**Source information:**
═══

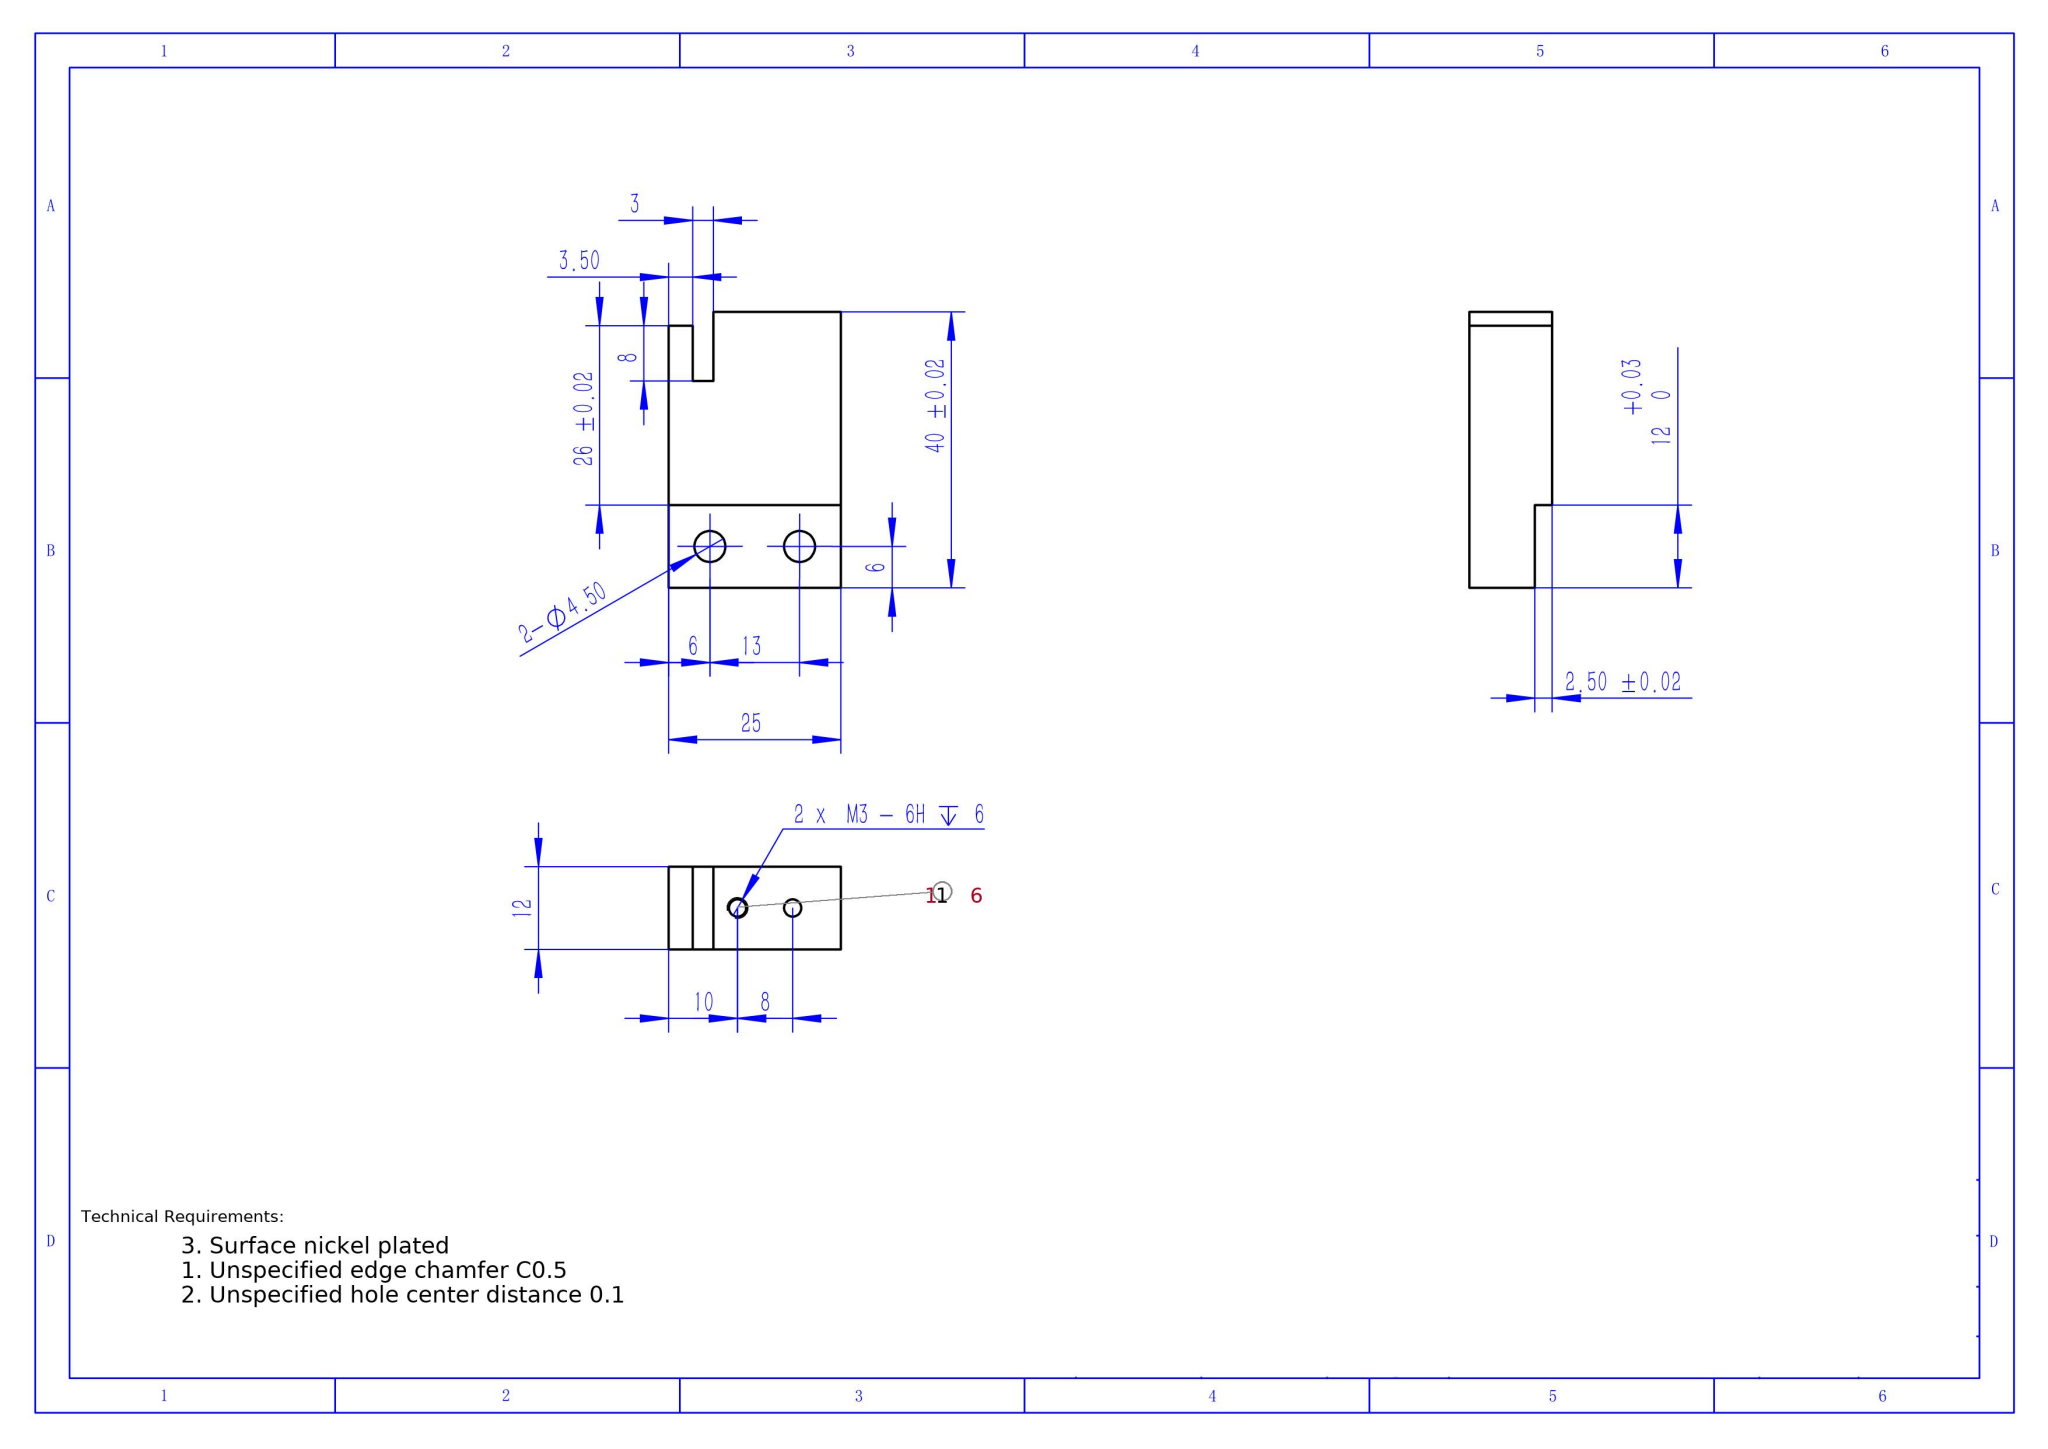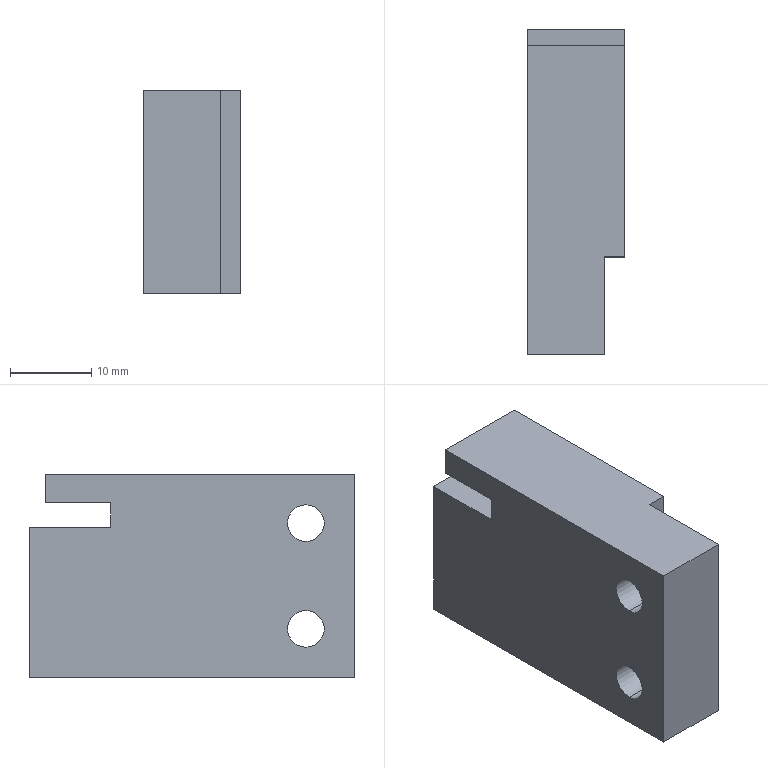Part | SolidWorks | mm | 1 solid | 24 faces | box 12 x 40 x 25 mm | volume 10418 mm3 | plane 12 | cylinder 8 | cone 4 | commonest cylinder face diameters 4.5 x4 2.5 x4
build123d program:
from build123d import *

# Parameters (mm, degrees)
SKETCH1_W             = 25
SKETCH1_H             = 40
BOSS_EXTRUDE1_DEPTH   = 6
M3_TAPPED_HOLE1_D     = 2.5
M3_TAPPED_HOLE1_DEPTH = 8.5
M3_TAPPED_HOLE1_TIP   = 0.7511
M4_CLEARANCE_HOLE_1_D = 4.5
SKETCH18_W            = 25
SKETCH18_H            = 12
CUT_EXTRUDE3_DEPTH    = 2.5
CUT_EXTRUDE4_DEPTH    = 27.462


with BuildPart() as part:
    # Sketch1 → Boss-Extrude1 (new, symmetric)
    with BuildSketch(Plane(origin=(0, 0, 0), x_dir=(0, 0, -1), z_dir=(1, 0, 0))):
        Rectangle(SKETCH1_W, SKETCH1_H)
    extrude(amount=BOSS_EXTRUDE1_DEPTH, both=True)

    # M3 Tapped Hole1
    with Locations(Plane(origin=(0, 20, 0), x_dir=(-1, 0, 0), z_dir=(0, 1, 0))):
        with Locations((0, 2.5), (0, -5.5)):
            Hole(M3_TAPPED_HOLE1_D / 2, depth=M3_TAPPED_HOLE1_DEPTH)
            with Locations((0, 0, -(M3_TAPPED_HOLE1_DEPTH + M3_TAPPED_HOLE1_TIP / 2))):  # 118° drill point
                Cone(0, M3_TAPPED_HOLE1_D / 2, M3_TAPPED_HOLE1_TIP, mode=Mode.SUBTRACT)

    # M4 Clearance Hole 1 (through all)
    with Locations(Plane.ZY.offset(6)):
        with Locations((-6.5, -14), (6.5, -14)):
            Hole(M4_CLEARANCE_HOLE_1_D / 2)

    # Sketch18 → Cut-Extrude3 (cut)
    with BuildSketch(Plane(origin=(6, 0, 0), x_dir=(0, 0, -1), z_dir=(1, 0, 0))):
        with Locations((0, -14)):
            Rectangle(SKETCH18_W, SKETCH18_H)
    extrude(amount=-CUT_EXTRUDE3_DEPTH, mode=Mode.SUBTRACT)

    # Sketch19 → Cut-Extrude4 (cut, through all)
    with BuildSketch(Plane.ZY.offset(6)):
        Polygon((12.5, 20), (12.5, 18), (9, 18), (9, 10), (6, 10), (6, 20), align=None)
    extrude(amount=-CUT_EXTRUDE4_DEPTH, mode=Mode.SUBTRACT)


solid = part.part
STEP:
#1=CARTESIAN_POINT('',(3.5,-14.,-4.25));
#2=VERTEX_POINT('',#1);
#3=CARTESIAN_POINT('',(3.5,-14.,-8.75));
#4=VERTEX_POINT('',#3);
#5=CARTESIAN_POINT('',(3.5,-14.,-6.5));
#6=DIRECTION('',(1.,0.,0.));
#7=DIRECTION('',(0.,0.,1.));
#8=AXIS2_PLACEMENT_3D('',#5,#6,#7);
#9=CIRCLE('',#8,2.25);
#10=EDGE_CURVE('',#2,#4,#9,.T.);
#11=ORIENTED_EDGE('',*,*,#10,.T.);
#12=CARTESIAN_POINT('',(-6.,-14.,-8.75));
#13=VERTEX_POINT('',#12);
#14=CARTESIAN_POINT('',(-6.,-14.,-8.75));
#15=DIRECTION('',(-1.,0.,0.));
#16=VECTOR('',#15,1000.);
#17=LINE('',#14,#16);
#18=EDGE_CURVE('',#4,#13,#17,.T.);
#19=ORIENTED_EDGE('',*,*,#18,.T.);
#20=CARTESIAN_POINT('',(-6.,-14.,-4.25));
#21=VERTEX_POINT('',#20);
#22=CARTESIAN_POINT('',(-6.,-14.,-6.5));
#23=DIRECTION('',(-1.,0.,0.));
#24=DIRECTION('',(0.,0.,1.));
#25=AXIS2_PLACEMENT_3D('',#22,#23,#24);
#26=CIRCLE('',#25,2.25);
#27=EDGE_CURVE('',#13,#21,#26,.T.);
#28=ORIENTED_EDGE('',*,*,#27,.T.);
#29=CARTESIAN_POINT('',(-6.,-14.,-4.25));
#30=DIRECTION('',(-1.,0.,0.));
#31=VECTOR('',#30,1000.);
#32=LINE('',#29,#31);
#33=EDGE_CURVE('',#2,#21,#32,.T.);
#34=ORIENTED_EDGE('',*,*,#33,.F.);
#35=EDGE_LOOP('',(#11,#19,#28,#34));
#36=FACE_OUTER_BOUND('',#35,.T.);
#37=CARTESIAN_POINT('',(-6.,-14.,-6.5));
#38=DIRECTION('',(-1.,0.,0.));
#39=DIRECTION('',(0.,0.,1.));
#40=AXIS2_PLACEMENT_3D('',#37,#38,#39);
#41=CYLINDRICAL_SURFACE('',#40,2.25);
#42=ADVANCED_FACE('',(#36),#41,.F.);
#43=CARTESIAN_POINT('',(3.5,-14.,8.75));
#44=VERTEX_POINT('',#43);
#45=CARTESIAN_POINT('',(3.5,-14.,4.25));
#46=VERTEX_POINT('',#45);
#47=CARTESIAN_POINT('',(3.5,-14.,6.5));
#48=DIRECTION('',(1.,0.,0.));
#49=DIRECTION('',(0.,0.,1.));
#50=AXIS2_PLACEMENT_3D('',#47,#48,#49);
#51=CIRCLE('',#50,2.25);
#52=EDGE_CURVE('',#44,#46,#51,.T.);
#53=ORIENTED_EDGE('',*,*,#52,.T.);
#54=CARTESIAN_POINT('',(-6.,-14.,4.25));
#55=VERTEX_POINT('',#54);
#56=CARTESIAN_POINT('',(-6.,-14.,4.25));
#57=DIRECTION('',(-1.,0.,0.));
#58=VECTOR('',#57,1000.);
#59=LINE('',#56,#58);
#60=EDGE_CURVE('',#46,#55,#59,.T.);
#61=ORIENTED_EDGE('',*,*,#60,.T.);
#62=CARTESIAN_POINT('',(-6.,-14.,8.75));
#63=VERTEX_POINT('',#62);
#64=CARTESIAN_POINT('',(-6.,-14.,6.5));
#65=DIRECTION('',(-1.,0.,0.));
#66=DIRECTION('',(0.,0.,1.));
#67=AXIS2_PLACEMENT_3D('',#64,#65,#66);
#68=CIRCLE('',#67,2.25);
#69=EDGE_CURVE('',#55,#63,#68,.T.);
#70=ORIENTED_EDGE('',*,*,#69,.T.);
#71=CARTESIAN_POINT('',(-6.,-14.,8.75));
#72=DIRECTION('',(-1.,0.,0.));
#73=VECTOR('',#72,1000.);
#74=LINE('',#71,#73);
#75=EDGE_CURVE('',#44,#63,#74,.T.);
#76=ORIENTED_EDGE('',*,*,#75,.F.);
#77=EDGE_LOOP('',(#53,#61,#70,#76));
#78=FACE_OUTER_BOUND('',#77,.T.);
#79=CARTESIAN_POINT('',(-6.,-14.,6.5));
#80=DIRECTION('',(-1.,0.,0.));
#81=DIRECTION('',(0.,0.,1.));
#82=AXIS2_PLACEMENT_3D('',#79,#80,#81);
#83=CYLINDRICAL_SURFACE('',#82,2.25);
#84=ADVANCED_FACE('',(#78),#83,.F.);
#85=CARTESIAN_POINT('',(0.,11.5,1.25));
#86=VERTEX_POINT('',#85);
#87=CARTESIAN_POINT('',(0.,11.5,3.75));
#88=VERTEX_POINT('',#87);
#89=CARTESIAN_POINT('',(0.,11.5,2.5));
#90=DIRECTION('',(0.,1.,0.));
#91=DIRECTION('',(0.,0.,1.));
#92=AXIS2_PLACEMENT_3D('',#89,#90,#91);
#93=CIRCLE('',#92,1.25);
#94=EDGE_CURVE('',#86,#88,#93,.T.);
#95=ORIENTED_EDGE('',*,*,#94,.F.);
#96=CARTESIAN_POINT('',(0.,20.,1.25));
#97=VERTEX_POINT('',#96);
#98=CARTESIAN_POINT('',(0.,20.,1.25));
#99=DIRECTION('',(0.,1.,0.));
#100=VECTOR('',#99,1000.);
#101=LINE('',#98,#100);
#102=EDGE_CURVE('',#86,#97,#101,.T.);
#103=ORIENTED_EDGE('',*,*,#102,.T.);
#104=CARTESIAN_POINT('',(0.,20.,3.75));
#105=VERTEX_POINT('',#104);
#106=CARTESIAN_POINT('',(0.,20.,2.5));
#107=DIRECTION('',(0.,1.,0.));
#108=DIRECTION('',(0.,0.,1.));
#109=AXIS2_PLACEMENT_3D('',#106,#107,#108);
#110=CIRCLE('',#109,1.25);
#111=EDGE_CURVE('',#97,#105,#110,.T.);
#112=ORIENTED_EDGE('',*,*,#111,.T.);
#113=CARTESIAN_POINT('',(0.,20.,3.75));
#114=DIRECTION('',(0.,1.,0.));
#115=VECTOR('',#114,1000.);
#116=LINE('',#113,#115);
#117=EDGE_CURVE('',#88,#105,#116,.T.);
#118=ORIENTED_EDGE('',*,*,#117,.F.);
#119=EDGE_LOOP('',(#95,#103,#112,#118));
#120=FACE_OUTER_BOUND('',#119,.T.);
#121=CARTESIAN_POINT('',(0.,20.,2.5));
#122=DIRECTION('',(0.,1.,0.));
#123=DIRECTION('',(0.,0.,1.));
#124=AXIS2_PLACEMENT_3D('',#121,#122,#123);
#125=CYLINDRICAL_SURFACE('',#124,1.25);
#126=ADVANCED_FACE('',(#120),#125,.F.);
#127=CARTESIAN_POINT('',(-0.,10.749,2.5));
#128=VERTEX_POINT('',#127);
#129=CARTESIAN_POINT('',(0.,11.5,3.75));
#130=DIRECTION('',(0.,0.515,0.8572));
#131=VECTOR('',#130,1000.);
#132=LINE('',#129,#131);
#133=EDGE_CURVE('',#128,#88,#132,.T.);
#134=ORIENTED_EDGE('',*,*,#133,.F.);
#135=CARTESIAN_POINT('',(0.,11.5,1.25));
#136=DIRECTION('',(0.,0.515,-0.8572));
#137=VECTOR('',#136,1000.);
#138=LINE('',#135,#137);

═══

**Problem to work on:** Using the listing above, find how many lines include "VECTOR"; reply with the number and no other words.

**Task result:** 8